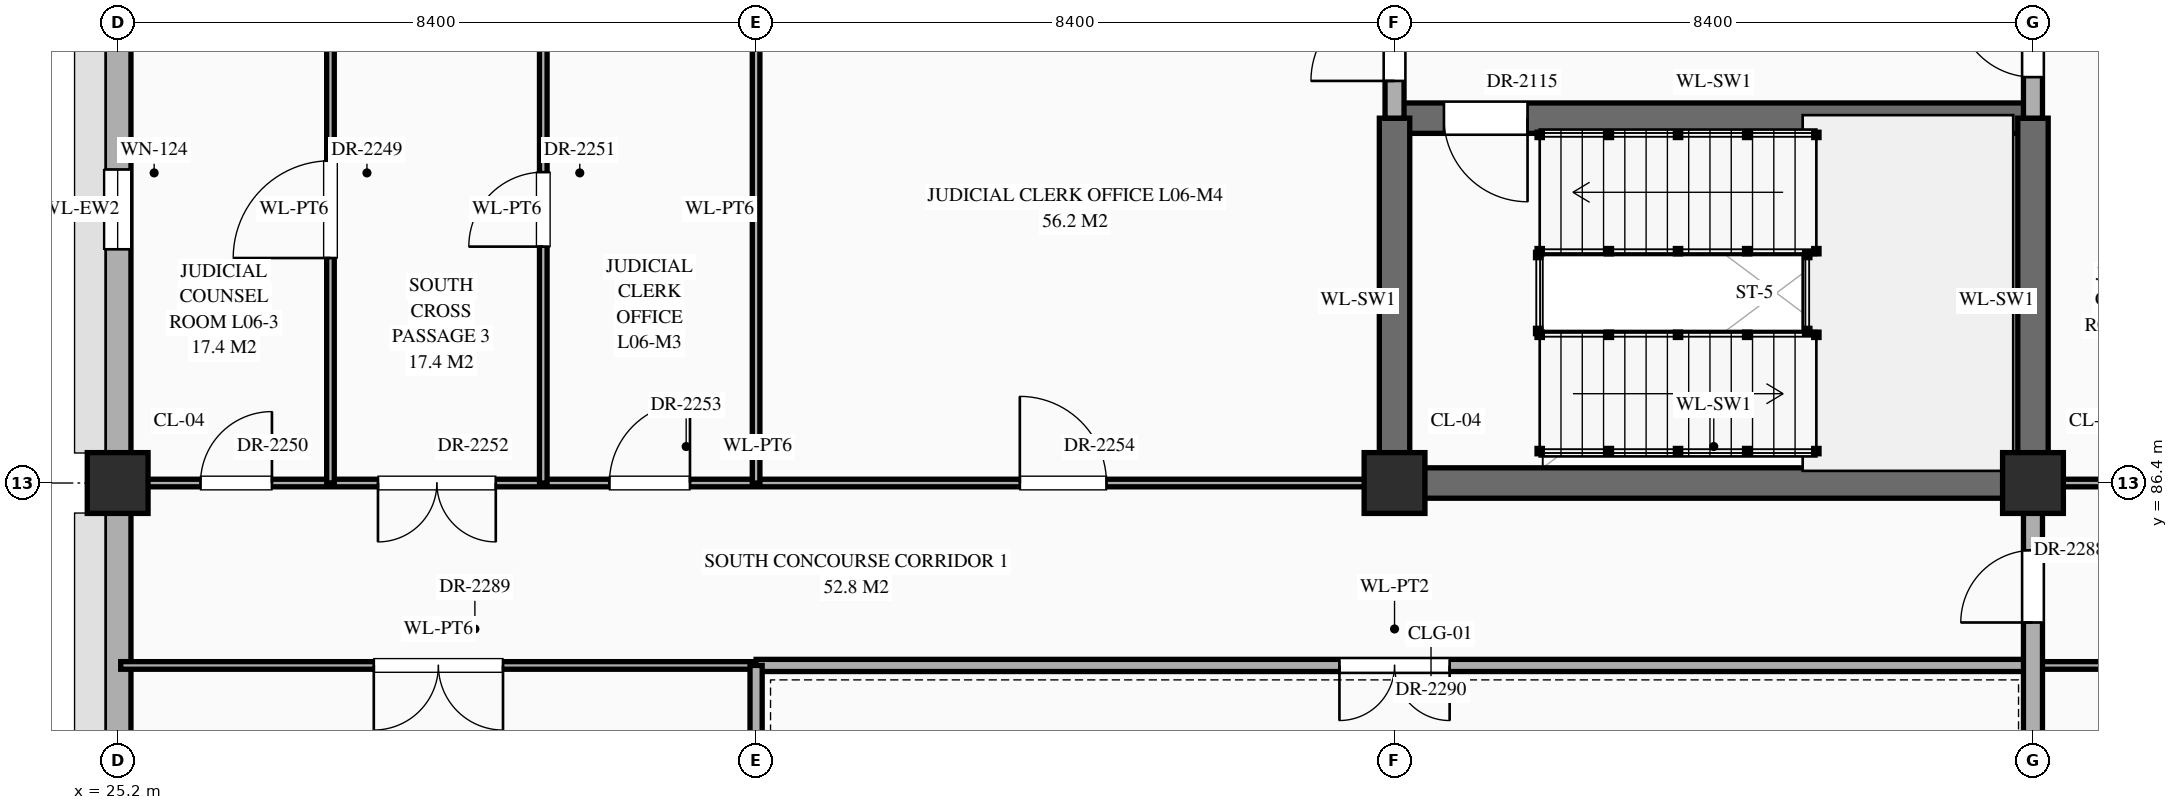
"""IFC4 building model, lengths in metres.
Left out: names, types, materials, properties, quantities, classifications, styles, units other than length and angle.
Written with IfcOpenShell. Run it as: python <this file> out.ifc"""

import sys

from ifc_helpers import new_model, si_unit, direction, frame, frame_2d, origin, origin_2d, place, context, subcontext, project, spatial, rectangle, extrude, element, fill, save


model = new_model("IFC4")
c1 = context("Model", 3, precision=1e-05, world=origin(), true_north=direction((0.0, 1.0)))
c2 = subcontext(c1, "Body", "Model", "MODEL_VIEW")
j1 = project(units=[si_unit("LENGTHUNIT", "METRE"), si_unit("PLANEANGLEUNIT", "RADIAN")], contexts=[c1])
p1 = place(None, origin())
s1 = spatial("IfcSite", under=j1, at=p1, CompositionType="ELEMENT")
p2 = place(p1, origin())
s2 = spatial("IfcBuilding", under=s1, at=p2, CompositionType="ELEMENT")
p3 = place(p2, frame((0.0, 0.0, 26.1)))
s3 = spatial("IfcBuildingStorey", under=s2, at=p3, CompositionType="ELEMENT", Elevation=26.1)
for number, where, z_axis, x_axis in (
    (1, (25.2, 86.4, 0.0), (0.0, 0.0, 1.0), (1.0, 0.0, 0.0)),
    (2, (42.0, 86.4, 0.0), (0.0, 0.0, 1.0), (1.0, 0.0, 0.0)),
    (3, (50.4, 86.4, 0.0), (0.0, 0.0, 1.0), (1.0, 0.0, 0.0)),
):
    element("IfcColumn", number, at=place(p3, frame(where, z_axis=z_axis, x_axis=x_axis)), inside=s3, PredefinedType="COLUMN", context=c2, shape_type="SweptSolid", body=[
        extrude(rectangle(XDim=0.8, YDim=0.8, at=origin_2d()), origin(), (0.0, 0.0, 1.0), 4.5),
    ])
p4 = place(p3, frame((25.2, 79.595, 0.0), z_axis=(0.0, 0.0, 1.0), x_axis=(0.0, 1.0, 0.0)))
e4 = element("IfcWall", 4, at=p4, inside=s3, PredefinedType="STANDARD", context=c2, shape_type="SweptSolid", body=[
    extrude(rectangle(XDim=6.41, YDim=0.35, at=frame_2d((3.205, 0.0))), origin(), (0.0, 0.0, 1.0), 3.59),
])
p5 = place(p4, frame((1.405, 0.0, 0.85)))
e5 = element("IfcOpeningElement", 5, at=p5, cuts=e4, PredefinedType="OPENING", context=c2, shape_type="SweptSolid", body=[
    extrude(rectangle(XDim=1.2, YDim=1.2, at=frame_2d((0.6, 0.6))), frame((0.0, 0.187, 0.0), z_axis=(0.0, -1.0, 0.0), x_axis=(1.0, 0.0, 0.0)), (0.0, 0.0, 1.0), 0.374),
])
p6 = place(p3, frame((25.2, 86.795, 0.0), z_axis=(0.0, 0.0, 1.0), x_axis=(0.0, 1.0, 0.0)))
e6 = element("IfcWall", 6, at=p6, inside=s3, PredefinedType="STANDARD", context=c2, shape_type="SweptSolid", body=[
    extrude(rectangle(XDim=6.41, YDim=0.35, at=frame_2d((3.205, 0.0))), origin(), (0.0, 0.0, 1.0), 3.59),
])
p7 = place(p6, frame((2.68, 0.0, 0.85)))
e7 = element("IfcOpeningElement", 7, at=p7, cuts=e6, PredefinedType="OPENING", context=c2, shape_type="SweptSolid", body=[
    extrude(rectangle(XDim=1.05, YDim=1.38, at=frame_2d((0.525, 0.69))), frame((0.0, 0.187, 0.0), z_axis=(0.0, -1.0, 0.0), x_axis=(1.0, 0.0, 0.0)), (0.0, 0.0, 1.0), 0.374),
])
p8 = place(p3, frame((25.24, 84.0, 0.0), z_axis=(0.0, 0.0, 1.0), x_axis=(1.0, 0.0, 0.0)))
e8 = element("IfcWall", 8, at=p8, inside=s3, PredefinedType="STANDARD", context=c2, shape_type="SweptSolid", body=[
    extrude(rectangle(XDim=8.36, YDim=0.1, at=frame_2d((4.18, 0.0))), origin(), (0.0, 0.0, 1.0), 4.24),
])
p9 = place(p8, frame((3.33, 0.0, 0.0)))
e9 = element("IfcOpeningElement", 9, at=p9, cuts=e8, PredefinedType="OPENING", context=c2, shape_type="SweptSolid", body=[
    extrude(rectangle(XDim=1.7, YDim=2.45, at=frame_2d((0.85, 1.225))), frame((0.0, 0.062, 0.0), z_axis=(0.0, -1.0, 0.0), x_axis=(1.0, 0.0, 0.0)), (0.0, 0.0, 1.0), 0.124),
])
p10 = place(p3, frame((33.6, 84.0, 0.0), z_axis=(0.0, 0.0, 1.0), x_axis=(1.0, 0.0, 0.0)))
e10 = element("IfcWall", 10, at=p10, inside=s3, PredefinedType="STANDARD", context=c2, shape_type="SweptSolid", body=[
    extrude(rectangle(XDim=16.8, YDim=0.16, at=frame_2d((8.4, 0.0))), origin(), (0.0, 0.0, 1.0), 4.24),
])
p11 = place(p10, frame((7.675, 0.0, 0.0)))
e11 = element("IfcOpeningElement", 11, at=p11, cuts=e10, PredefinedType="OPENING", context=c2, shape_type="SweptSolid", body=[
    extrude(rectangle(XDim=1.45, YDim=2.3, at=frame_2d((0.725, 1.15))), frame((0.0, 0.092, 0.0), z_axis=(0.0, -1.0, 0.0), x_axis=(1.0, 0.0, 0.0)), (0.0, 0.0, 1.0), 0.184),
])
p12 = place(p3, frame((50.4, 84.0, 0.0), z_axis=(0.0, 0.0, 1.0), x_axis=(1.0, 0.0, 0.0)))
e12 = element("IfcWall", 12, at=p12, inside=s3, PredefinedType="STANDARD", context=c2, shape_type="SweptSolid", body=[
    extrude(rectangle(XDim=16.8, YDim=0.1, at=frame_2d((8.4, 0.0))), origin(), (0.0, 0.0, 1.0), 4.24),
])
p13 = place(p12, frame((3.72, 0.0, 0.0)))
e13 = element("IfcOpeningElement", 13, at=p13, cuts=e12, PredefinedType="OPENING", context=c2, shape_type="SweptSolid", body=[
------------
--- Goal of the exercise ---
Without any pictures, please reproduce the full set of entries.

--- Your response ---
"""IFC4 building model, lengths in metres.
Left out: names, types, materials, properties, quantities, classifications, styles, units other than length and angle.
Written with IfcOpenShell. Run it as: python <this file> out.ifc"""

import sys

from ifc_helpers import new_model, si_unit, direction, frame, frame_2d, origin, origin_2d, place, context, subcontext, project, spatial, rectangle, extrude, element, fill, save


model = new_model("IFC4")
c1 = context("Model", 3, precision=1e-05, world=origin(), true_north=direction((0.0, 1.0)))
c2 = subcontext(c1, "Body", "Model", "MODEL_VIEW")
j1 = project(units=[si_unit("LENGTHUNIT", "METRE"), si_unit("PLANEANGLEUNIT", "RADIAN")], contexts=[c1])
p1 = place(None, origin())
s1 = spatial("IfcSite", under=j1, at=p1, CompositionType="ELEMENT")
p2 = place(p1, origin())
s2 = spatial("IfcBuilding", under=s1, at=p2, CompositionType="ELEMENT")
p3 = place(p2, frame((0.0, 0.0, 26.1)))
s3 = spatial("IfcBuildingStorey", under=s2, at=p3, CompositionType="ELEMENT", Elevation=26.1)
for number, where, z_axis, x_axis in (
    (1, (25.2, 86.4, 0.0), (0.0, 0.0, 1.0), (1.0, 0.0, 0.0)),
    (2, (42.0, 86.4, 0.0), (0.0, 0.0, 1.0), (1.0, 0.0, 0.0)),
    (3, (50.4, 86.4, 0.0), (0.0, 0.0, 1.0), (1.0, 0.0, 0.0)),
):
    element("IfcColumn", number, at=place(p3, frame(where, z_axis=z_axis, x_axis=x_axis)), inside=s3, PredefinedType="COLUMN", context=c2, shape_type="SweptSolid", body=[
        extrude(rectangle(XDim=0.8, YDim=0.8, at=origin_2d()), origin(), (0.0, 0.0, 1.0), 4.5),
    ])
p4 = place(p3, frame((25.2, 79.595, 0.0), z_axis=(0.0, 0.0, 1.0), x_axis=(0.0, 1.0, 0.0)))
e4 = element("IfcWall", 4, at=p4, inside=s3, PredefinedType="STANDARD", context=c2, shape_type="SweptSolid", body=[
    extrude(rectangle(XDim=6.41, YDim=0.35, at=frame_2d((3.205, 0.0))), origin(), (0.0, 0.0, 1.0), 3.59),
])
p5 = place(p4, frame((1.405, 0.0, 0.85)))
e5 = element("IfcOpeningElement", 5, at=p5, cuts=e4, PredefinedType="OPENING", context=c2, shape_type="SweptSolid", body=[
    extrude(rectangle(XDim=1.2, YDim=1.2, at=frame_2d((0.6, 0.6))), frame((0.0, 0.187, 0.0), z_axis=(0.0, -1.0, 0.0), x_axis=(1.0, 0.0, 0.0)), (0.0, 0.0, 1.0), 0.374),
])
p6 = place(p3, frame((25.2, 86.795, 0.0), z_axis=(0.0, 0.0, 1.0), x_axis=(0.0, 1.0, 0.0)))
e6 = element("IfcWall", 6, at=p6, inside=s3, PredefinedType="STANDARD", context=c2, shape_type="SweptSolid", body=[
    extrude(rectangle(XDim=6.41, YDim=0.35, at=frame_2d((3.205, 0.0))), origin(), (0.0, 0.0, 1.0), 3.59),
])
p7 = place(p6, frame((2.68, 0.0, 0.85)))
e7 = element("IfcOpeningElement", 7, at=p7, cuts=e6, PredefinedType="OPENING", context=c2, shape_type="SweptSolid", body=[
    extrude(rectangle(XDim=1.05, YDim=1.38, at=frame_2d((0.525, 0.69))), frame((0.0, 0.187, 0.0), z_axis=(0.0, -1.0, 0.0), x_axis=(1.0, 0.0, 0.0)), (0.0, 0.0, 1.0), 0.374),
])
p8 = place(p3, frame((25.24, 84.0, 0.0), z_axis=(0.0, 0.0, 1.0), x_axis=(1.0, 0.0, 0.0)))
e8 = element("IfcWall", 8, at=p8, inside=s3, PredefinedType="STANDARD", context=c2, shape_type="SweptSolid", body=[
    extrude(rectangle(XDim=8.36, YDim=0.1, at=frame_2d((4.18, 0.0))), origin(), (0.0, 0.0, 1.0), 4.24),
])
p9 = place(p8, frame((3.33, 0.0, 0.0)))
e9 = element("IfcOpeningElement", 9, at=p9, cuts=e8, PredefinedType="OPENING", context=c2, shape_type="SweptSolid", body=[
    extrude(rectangle(XDim=1.7, YDim=2.45, at=frame_2d((0.85, 1.225))), frame((0.0, 0.062, 0.0), z_axis=(0.0, -1.0, 0.0), x_axis=(1.0, 0.0, 0.0)), (0.0, 0.0, 1.0), 0.124),
])
p10 = place(p3, frame((33.6, 84.0, 0.0), z_axis=(0.0, 0.0, 1.0), x_axis=(1.0, 0.0, 0.0)))
e10 = element("IfcWall", 10, at=p10, inside=s3, PredefinedType="STANDARD", context=c2, shape_type="SweptSolid", body=[
    extrude(rectangle(XDim=16.8, YDim=0.16, at=frame_2d((8.4, 0.0))), origin(), (0.0, 0.0, 1.0), 4.24),
])
p11 = place(p10, frame((7.675, 0.0, 0.0)))
e11 = element("IfcOpeningElement", 11, at=p11, cuts=e10, PredefinedType="OPENING", context=c2, shape_type="SweptSolid", body=[
    extrude(rectangle(XDim=1.45, YDim=2.3, at=frame_2d((0.725, 1.15))), frame((0.0, 0.092, 0.0), z_axis=(0.0, -1.0, 0.0), x_axis=(1.0, 0.0, 0.0)), (0.0, 0.0, 1.0), 0.184),
])
p12 = place(p3, frame((50.4, 84.0, 0.0), z_axis=(0.0, 0.0, 1.0), x_axis=(1.0, 0.0, 0.0)))
e12 = element("IfcWall", 12, at=p12, inside=s3, PredefinedType="STANDARD", context=c2, shape_type="SweptSolid", body=[
    extrude(rectangle(XDim=16.8, YDim=0.1, at=frame_2d((8.4, 0.0))), origin(), (0.0, 0.0, 1.0), 4.24),
])
p13 = place(p12, frame((3.72, 0.0, 0.0)))
e13 = element("IfcOpeningElement", 13, at=p13, cuts=e12, PredefinedType="OPENING", context=c2, shape_type="SweptSolid", body=[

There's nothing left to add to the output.